**WORK TO COMPLETE:** Please write out, exactly as they appear, the line containing "fill(e11, e18)" and every line after it to the end of the records, and nothing more.

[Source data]
+---+

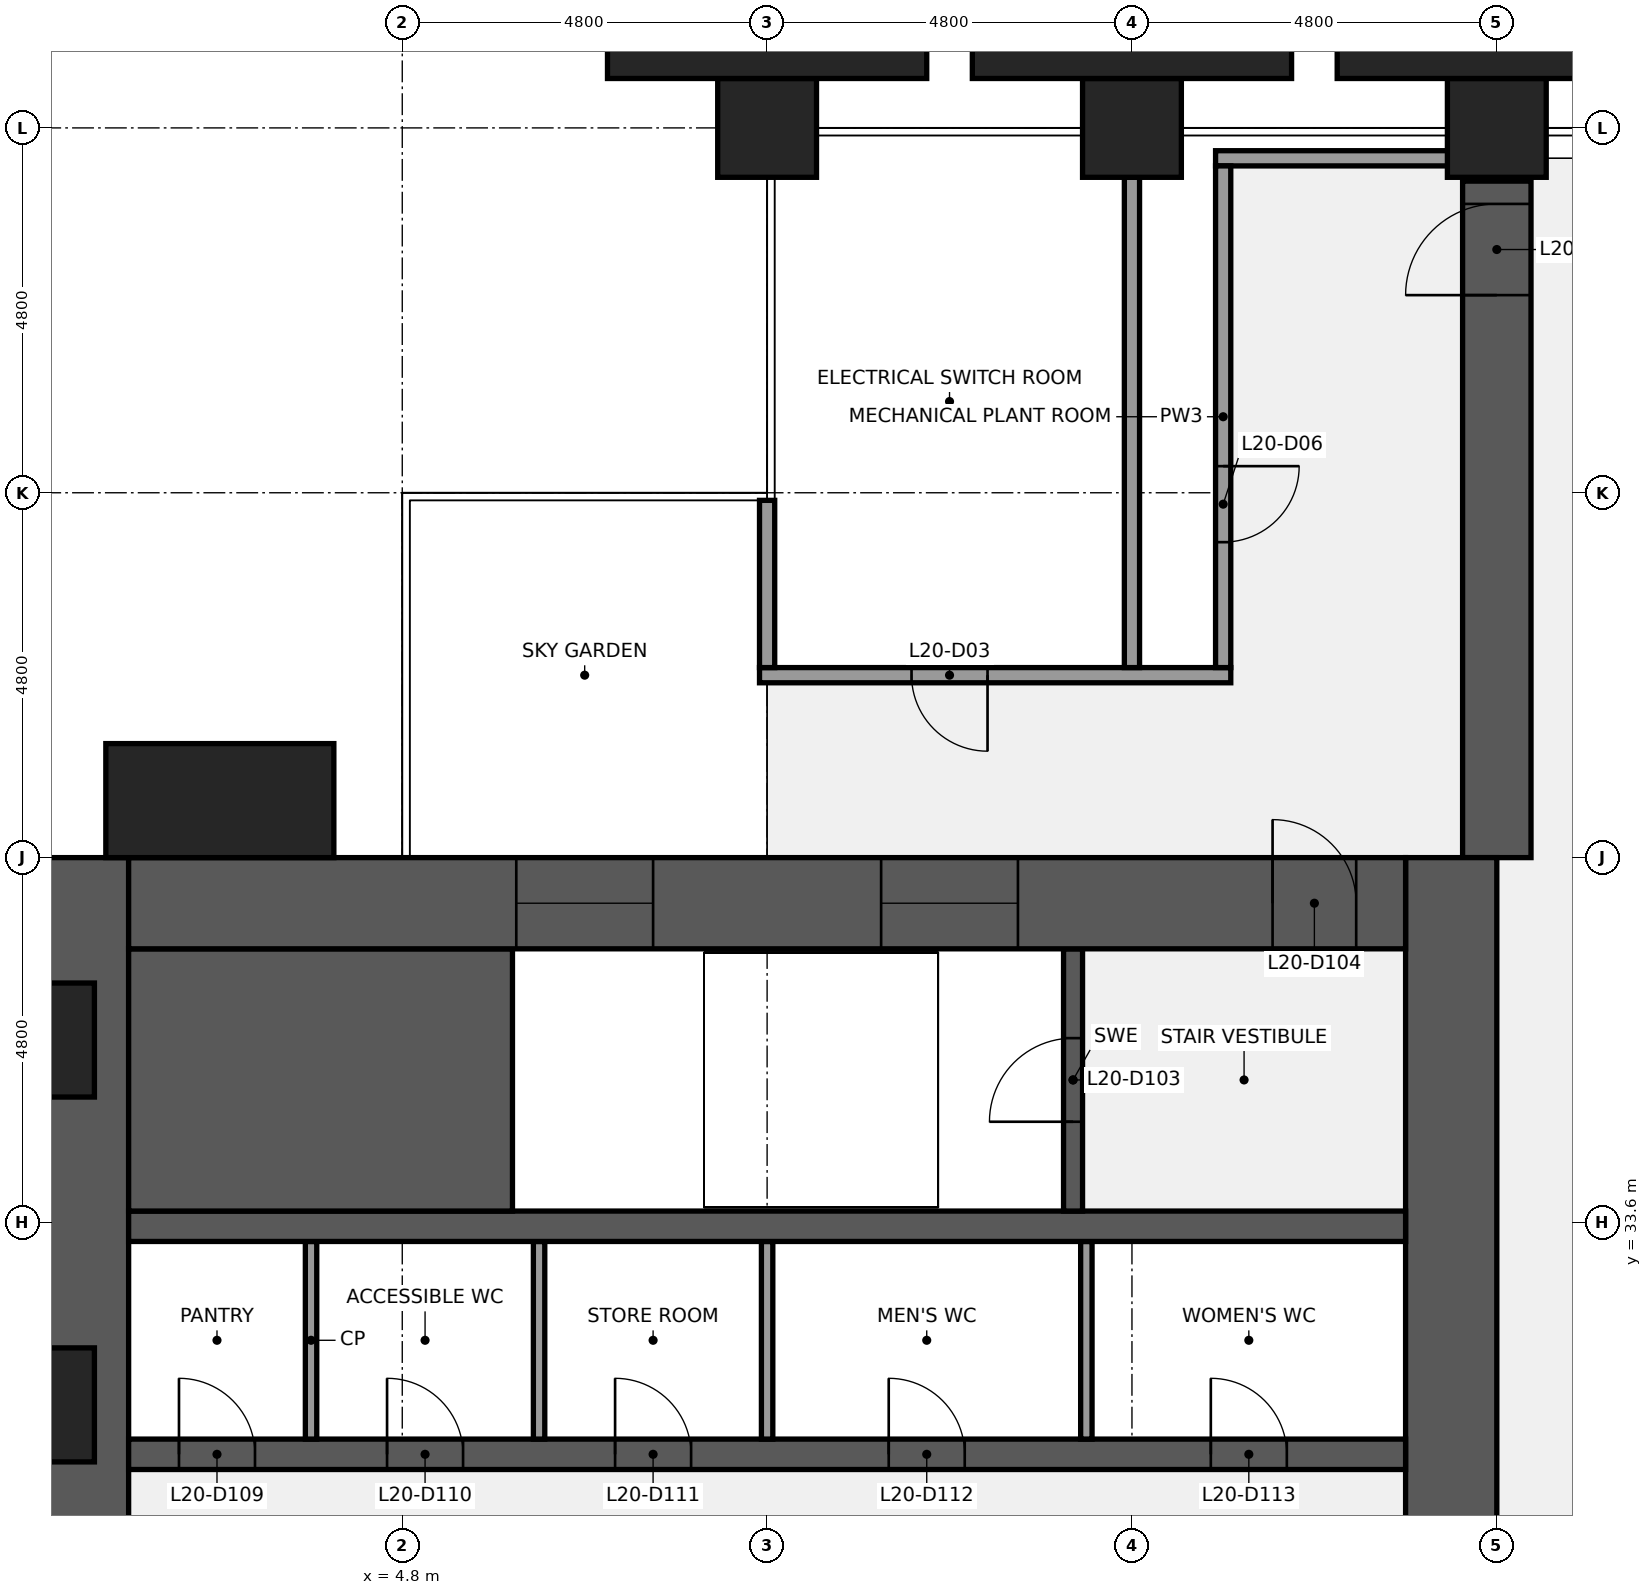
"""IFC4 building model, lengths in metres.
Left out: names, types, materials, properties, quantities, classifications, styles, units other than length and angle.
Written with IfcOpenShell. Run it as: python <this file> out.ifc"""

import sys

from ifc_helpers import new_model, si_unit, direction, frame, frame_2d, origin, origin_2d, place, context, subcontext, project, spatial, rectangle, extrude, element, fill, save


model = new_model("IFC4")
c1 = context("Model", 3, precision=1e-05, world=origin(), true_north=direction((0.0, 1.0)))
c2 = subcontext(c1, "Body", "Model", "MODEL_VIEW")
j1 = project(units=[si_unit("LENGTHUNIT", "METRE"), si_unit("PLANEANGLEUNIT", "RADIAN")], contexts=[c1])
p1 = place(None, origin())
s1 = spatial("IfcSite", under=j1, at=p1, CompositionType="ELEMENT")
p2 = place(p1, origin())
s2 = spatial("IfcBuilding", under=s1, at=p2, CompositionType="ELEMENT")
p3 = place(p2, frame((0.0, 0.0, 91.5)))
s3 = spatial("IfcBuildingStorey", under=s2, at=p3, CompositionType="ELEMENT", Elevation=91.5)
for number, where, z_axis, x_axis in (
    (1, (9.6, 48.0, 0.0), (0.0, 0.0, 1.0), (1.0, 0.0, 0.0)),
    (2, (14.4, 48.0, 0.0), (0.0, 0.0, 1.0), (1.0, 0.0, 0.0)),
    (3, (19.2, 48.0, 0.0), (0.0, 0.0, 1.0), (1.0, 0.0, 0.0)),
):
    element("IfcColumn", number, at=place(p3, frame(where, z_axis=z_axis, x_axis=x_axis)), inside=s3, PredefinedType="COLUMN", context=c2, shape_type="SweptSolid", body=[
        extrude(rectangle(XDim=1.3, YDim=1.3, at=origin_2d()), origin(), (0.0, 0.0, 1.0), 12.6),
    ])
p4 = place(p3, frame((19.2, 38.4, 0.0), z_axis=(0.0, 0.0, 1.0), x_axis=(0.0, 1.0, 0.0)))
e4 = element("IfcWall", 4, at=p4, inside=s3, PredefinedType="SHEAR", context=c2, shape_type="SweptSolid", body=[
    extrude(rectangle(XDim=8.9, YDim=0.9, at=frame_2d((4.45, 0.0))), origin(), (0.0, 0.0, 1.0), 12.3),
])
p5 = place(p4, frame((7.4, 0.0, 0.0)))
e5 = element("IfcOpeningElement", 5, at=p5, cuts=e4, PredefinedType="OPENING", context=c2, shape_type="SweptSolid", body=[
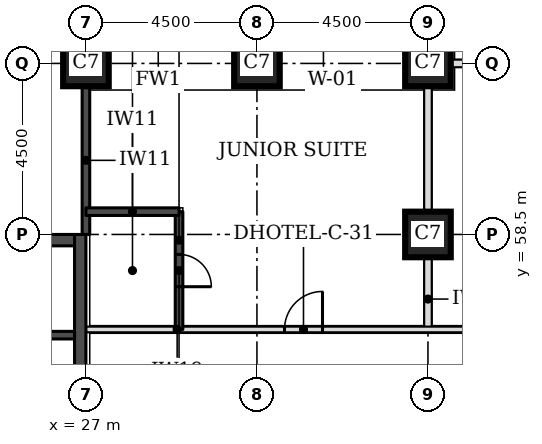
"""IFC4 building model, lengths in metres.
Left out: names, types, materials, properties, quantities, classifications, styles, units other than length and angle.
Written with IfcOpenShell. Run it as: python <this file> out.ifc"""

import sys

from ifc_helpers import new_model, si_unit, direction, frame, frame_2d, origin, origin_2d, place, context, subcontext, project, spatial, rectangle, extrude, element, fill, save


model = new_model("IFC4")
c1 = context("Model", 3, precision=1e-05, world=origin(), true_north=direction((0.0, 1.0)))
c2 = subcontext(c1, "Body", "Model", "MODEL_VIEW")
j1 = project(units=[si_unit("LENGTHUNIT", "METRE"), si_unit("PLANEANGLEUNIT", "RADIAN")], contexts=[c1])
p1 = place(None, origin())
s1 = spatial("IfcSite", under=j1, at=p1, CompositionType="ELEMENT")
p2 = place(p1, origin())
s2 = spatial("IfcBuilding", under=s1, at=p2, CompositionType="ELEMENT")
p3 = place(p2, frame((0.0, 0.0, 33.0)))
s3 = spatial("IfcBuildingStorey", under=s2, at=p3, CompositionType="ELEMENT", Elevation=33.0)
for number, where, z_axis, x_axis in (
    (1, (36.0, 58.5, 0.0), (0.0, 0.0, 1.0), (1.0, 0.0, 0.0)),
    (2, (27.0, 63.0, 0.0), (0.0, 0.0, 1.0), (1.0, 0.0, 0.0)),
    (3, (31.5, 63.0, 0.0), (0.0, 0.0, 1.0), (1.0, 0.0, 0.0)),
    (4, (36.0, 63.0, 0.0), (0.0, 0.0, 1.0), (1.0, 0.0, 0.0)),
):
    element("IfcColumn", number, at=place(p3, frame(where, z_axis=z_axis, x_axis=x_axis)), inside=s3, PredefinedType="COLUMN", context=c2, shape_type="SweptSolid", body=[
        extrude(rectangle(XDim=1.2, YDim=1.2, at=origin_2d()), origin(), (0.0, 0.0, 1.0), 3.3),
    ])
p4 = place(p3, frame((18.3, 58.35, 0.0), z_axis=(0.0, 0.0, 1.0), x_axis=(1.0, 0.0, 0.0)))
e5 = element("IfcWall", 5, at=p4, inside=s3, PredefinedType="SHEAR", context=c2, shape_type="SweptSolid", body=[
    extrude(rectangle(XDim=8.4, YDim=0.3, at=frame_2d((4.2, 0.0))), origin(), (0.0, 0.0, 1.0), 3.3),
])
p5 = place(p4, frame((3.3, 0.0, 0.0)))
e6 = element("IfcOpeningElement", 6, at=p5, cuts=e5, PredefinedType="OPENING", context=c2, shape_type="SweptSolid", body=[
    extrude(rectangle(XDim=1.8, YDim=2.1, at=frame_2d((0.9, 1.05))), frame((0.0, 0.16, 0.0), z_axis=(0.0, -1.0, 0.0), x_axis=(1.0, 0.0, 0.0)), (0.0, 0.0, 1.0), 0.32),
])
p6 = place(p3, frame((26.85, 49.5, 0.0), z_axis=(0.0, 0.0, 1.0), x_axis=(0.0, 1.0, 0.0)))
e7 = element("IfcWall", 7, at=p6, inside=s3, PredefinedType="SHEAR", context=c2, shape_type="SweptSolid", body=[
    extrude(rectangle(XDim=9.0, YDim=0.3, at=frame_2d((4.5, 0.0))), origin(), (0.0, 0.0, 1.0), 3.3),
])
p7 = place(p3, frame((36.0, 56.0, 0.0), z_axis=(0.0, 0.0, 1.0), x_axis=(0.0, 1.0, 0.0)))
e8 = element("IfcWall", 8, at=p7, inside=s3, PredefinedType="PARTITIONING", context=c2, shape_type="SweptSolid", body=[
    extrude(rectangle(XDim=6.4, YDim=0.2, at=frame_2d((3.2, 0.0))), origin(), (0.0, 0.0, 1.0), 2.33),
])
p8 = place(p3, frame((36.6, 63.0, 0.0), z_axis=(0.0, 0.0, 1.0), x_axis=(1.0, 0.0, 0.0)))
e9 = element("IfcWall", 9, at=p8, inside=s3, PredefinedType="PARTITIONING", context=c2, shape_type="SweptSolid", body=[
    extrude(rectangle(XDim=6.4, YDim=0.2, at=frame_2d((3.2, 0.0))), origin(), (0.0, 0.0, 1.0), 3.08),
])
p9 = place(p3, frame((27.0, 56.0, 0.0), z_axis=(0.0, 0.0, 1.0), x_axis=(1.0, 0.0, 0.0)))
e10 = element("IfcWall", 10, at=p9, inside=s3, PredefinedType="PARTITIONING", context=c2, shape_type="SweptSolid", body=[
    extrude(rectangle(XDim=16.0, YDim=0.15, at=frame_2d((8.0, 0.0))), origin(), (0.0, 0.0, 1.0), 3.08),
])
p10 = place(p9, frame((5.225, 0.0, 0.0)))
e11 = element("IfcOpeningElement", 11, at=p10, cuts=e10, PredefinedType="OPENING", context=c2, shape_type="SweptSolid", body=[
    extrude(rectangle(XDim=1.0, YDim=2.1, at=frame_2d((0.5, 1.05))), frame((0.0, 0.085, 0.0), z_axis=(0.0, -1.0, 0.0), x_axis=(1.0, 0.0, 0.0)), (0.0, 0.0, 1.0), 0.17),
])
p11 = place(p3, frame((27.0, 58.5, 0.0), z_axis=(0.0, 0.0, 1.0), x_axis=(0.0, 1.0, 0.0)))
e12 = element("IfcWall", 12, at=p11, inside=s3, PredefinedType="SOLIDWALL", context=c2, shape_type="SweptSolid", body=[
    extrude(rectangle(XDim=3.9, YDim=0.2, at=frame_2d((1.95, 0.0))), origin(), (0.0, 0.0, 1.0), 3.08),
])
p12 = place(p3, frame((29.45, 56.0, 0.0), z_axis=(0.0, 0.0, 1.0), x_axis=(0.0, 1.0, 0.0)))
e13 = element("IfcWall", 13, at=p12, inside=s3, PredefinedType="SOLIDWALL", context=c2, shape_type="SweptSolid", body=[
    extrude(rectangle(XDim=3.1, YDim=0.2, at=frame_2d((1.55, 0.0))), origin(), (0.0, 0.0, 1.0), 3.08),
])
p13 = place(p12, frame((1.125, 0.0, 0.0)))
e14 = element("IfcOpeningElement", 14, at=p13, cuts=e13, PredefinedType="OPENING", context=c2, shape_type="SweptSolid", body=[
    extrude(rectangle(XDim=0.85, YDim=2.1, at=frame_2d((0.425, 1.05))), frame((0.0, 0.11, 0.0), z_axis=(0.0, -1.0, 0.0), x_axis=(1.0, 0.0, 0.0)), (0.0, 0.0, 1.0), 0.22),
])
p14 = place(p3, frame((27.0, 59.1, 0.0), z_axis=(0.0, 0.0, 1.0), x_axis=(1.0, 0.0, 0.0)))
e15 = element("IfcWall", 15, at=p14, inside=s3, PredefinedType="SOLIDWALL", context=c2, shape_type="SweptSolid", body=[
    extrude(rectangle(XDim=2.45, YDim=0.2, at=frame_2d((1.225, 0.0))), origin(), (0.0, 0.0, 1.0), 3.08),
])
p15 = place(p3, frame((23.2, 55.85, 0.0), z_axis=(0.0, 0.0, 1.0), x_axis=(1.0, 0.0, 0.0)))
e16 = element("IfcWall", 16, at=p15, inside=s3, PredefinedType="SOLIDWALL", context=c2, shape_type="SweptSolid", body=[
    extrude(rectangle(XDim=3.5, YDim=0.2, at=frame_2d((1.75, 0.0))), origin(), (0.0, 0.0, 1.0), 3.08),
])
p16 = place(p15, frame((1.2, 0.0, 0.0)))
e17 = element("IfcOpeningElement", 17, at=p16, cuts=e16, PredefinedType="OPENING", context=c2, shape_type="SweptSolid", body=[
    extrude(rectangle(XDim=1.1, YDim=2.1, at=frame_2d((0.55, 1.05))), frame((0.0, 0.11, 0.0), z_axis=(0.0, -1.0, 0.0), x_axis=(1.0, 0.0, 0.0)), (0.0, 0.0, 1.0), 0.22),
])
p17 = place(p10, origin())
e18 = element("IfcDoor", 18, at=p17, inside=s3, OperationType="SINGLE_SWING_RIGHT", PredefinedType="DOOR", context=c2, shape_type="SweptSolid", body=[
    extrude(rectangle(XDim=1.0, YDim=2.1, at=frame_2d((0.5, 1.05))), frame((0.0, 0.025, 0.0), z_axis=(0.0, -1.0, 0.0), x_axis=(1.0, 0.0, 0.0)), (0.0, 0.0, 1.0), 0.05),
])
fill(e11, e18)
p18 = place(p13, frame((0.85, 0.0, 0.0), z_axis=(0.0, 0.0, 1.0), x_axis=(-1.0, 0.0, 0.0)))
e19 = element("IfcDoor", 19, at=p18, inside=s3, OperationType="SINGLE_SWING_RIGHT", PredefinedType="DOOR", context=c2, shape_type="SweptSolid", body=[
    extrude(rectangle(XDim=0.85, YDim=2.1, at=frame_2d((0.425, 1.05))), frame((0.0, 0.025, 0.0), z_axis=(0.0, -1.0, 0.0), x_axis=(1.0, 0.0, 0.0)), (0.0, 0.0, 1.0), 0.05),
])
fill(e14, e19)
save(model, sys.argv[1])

+---+

**THE ANSWER:**
fill(e11, e18)
p18 = place(p13, frame((0.85, 0.0, 0.0), z_axis=(0.0, 0.0, 1.0), x_axis=(-1.0, 0.0, 0.0)))
e19 = element("IfcDoor", 19, at=p18, inside=s3, OperationType="SINGLE_SWING_RIGHT", PredefinedType="DOOR", context=c2, shape_type="SweptSolid", body=[
    extrude(rectangle(XDim=0.85, YDim=2.1, at=frame_2d((0.425, 1.05))), frame((0.0, 0.025, 0.0), z_axis=(0.0, -1.0, 0.0), x_axis=(1.0, 0.0, 0.0)), (0.0, 0.0, 1.0), 0.05),
])
fill(e14, e19)
save(model, sys.argv[1])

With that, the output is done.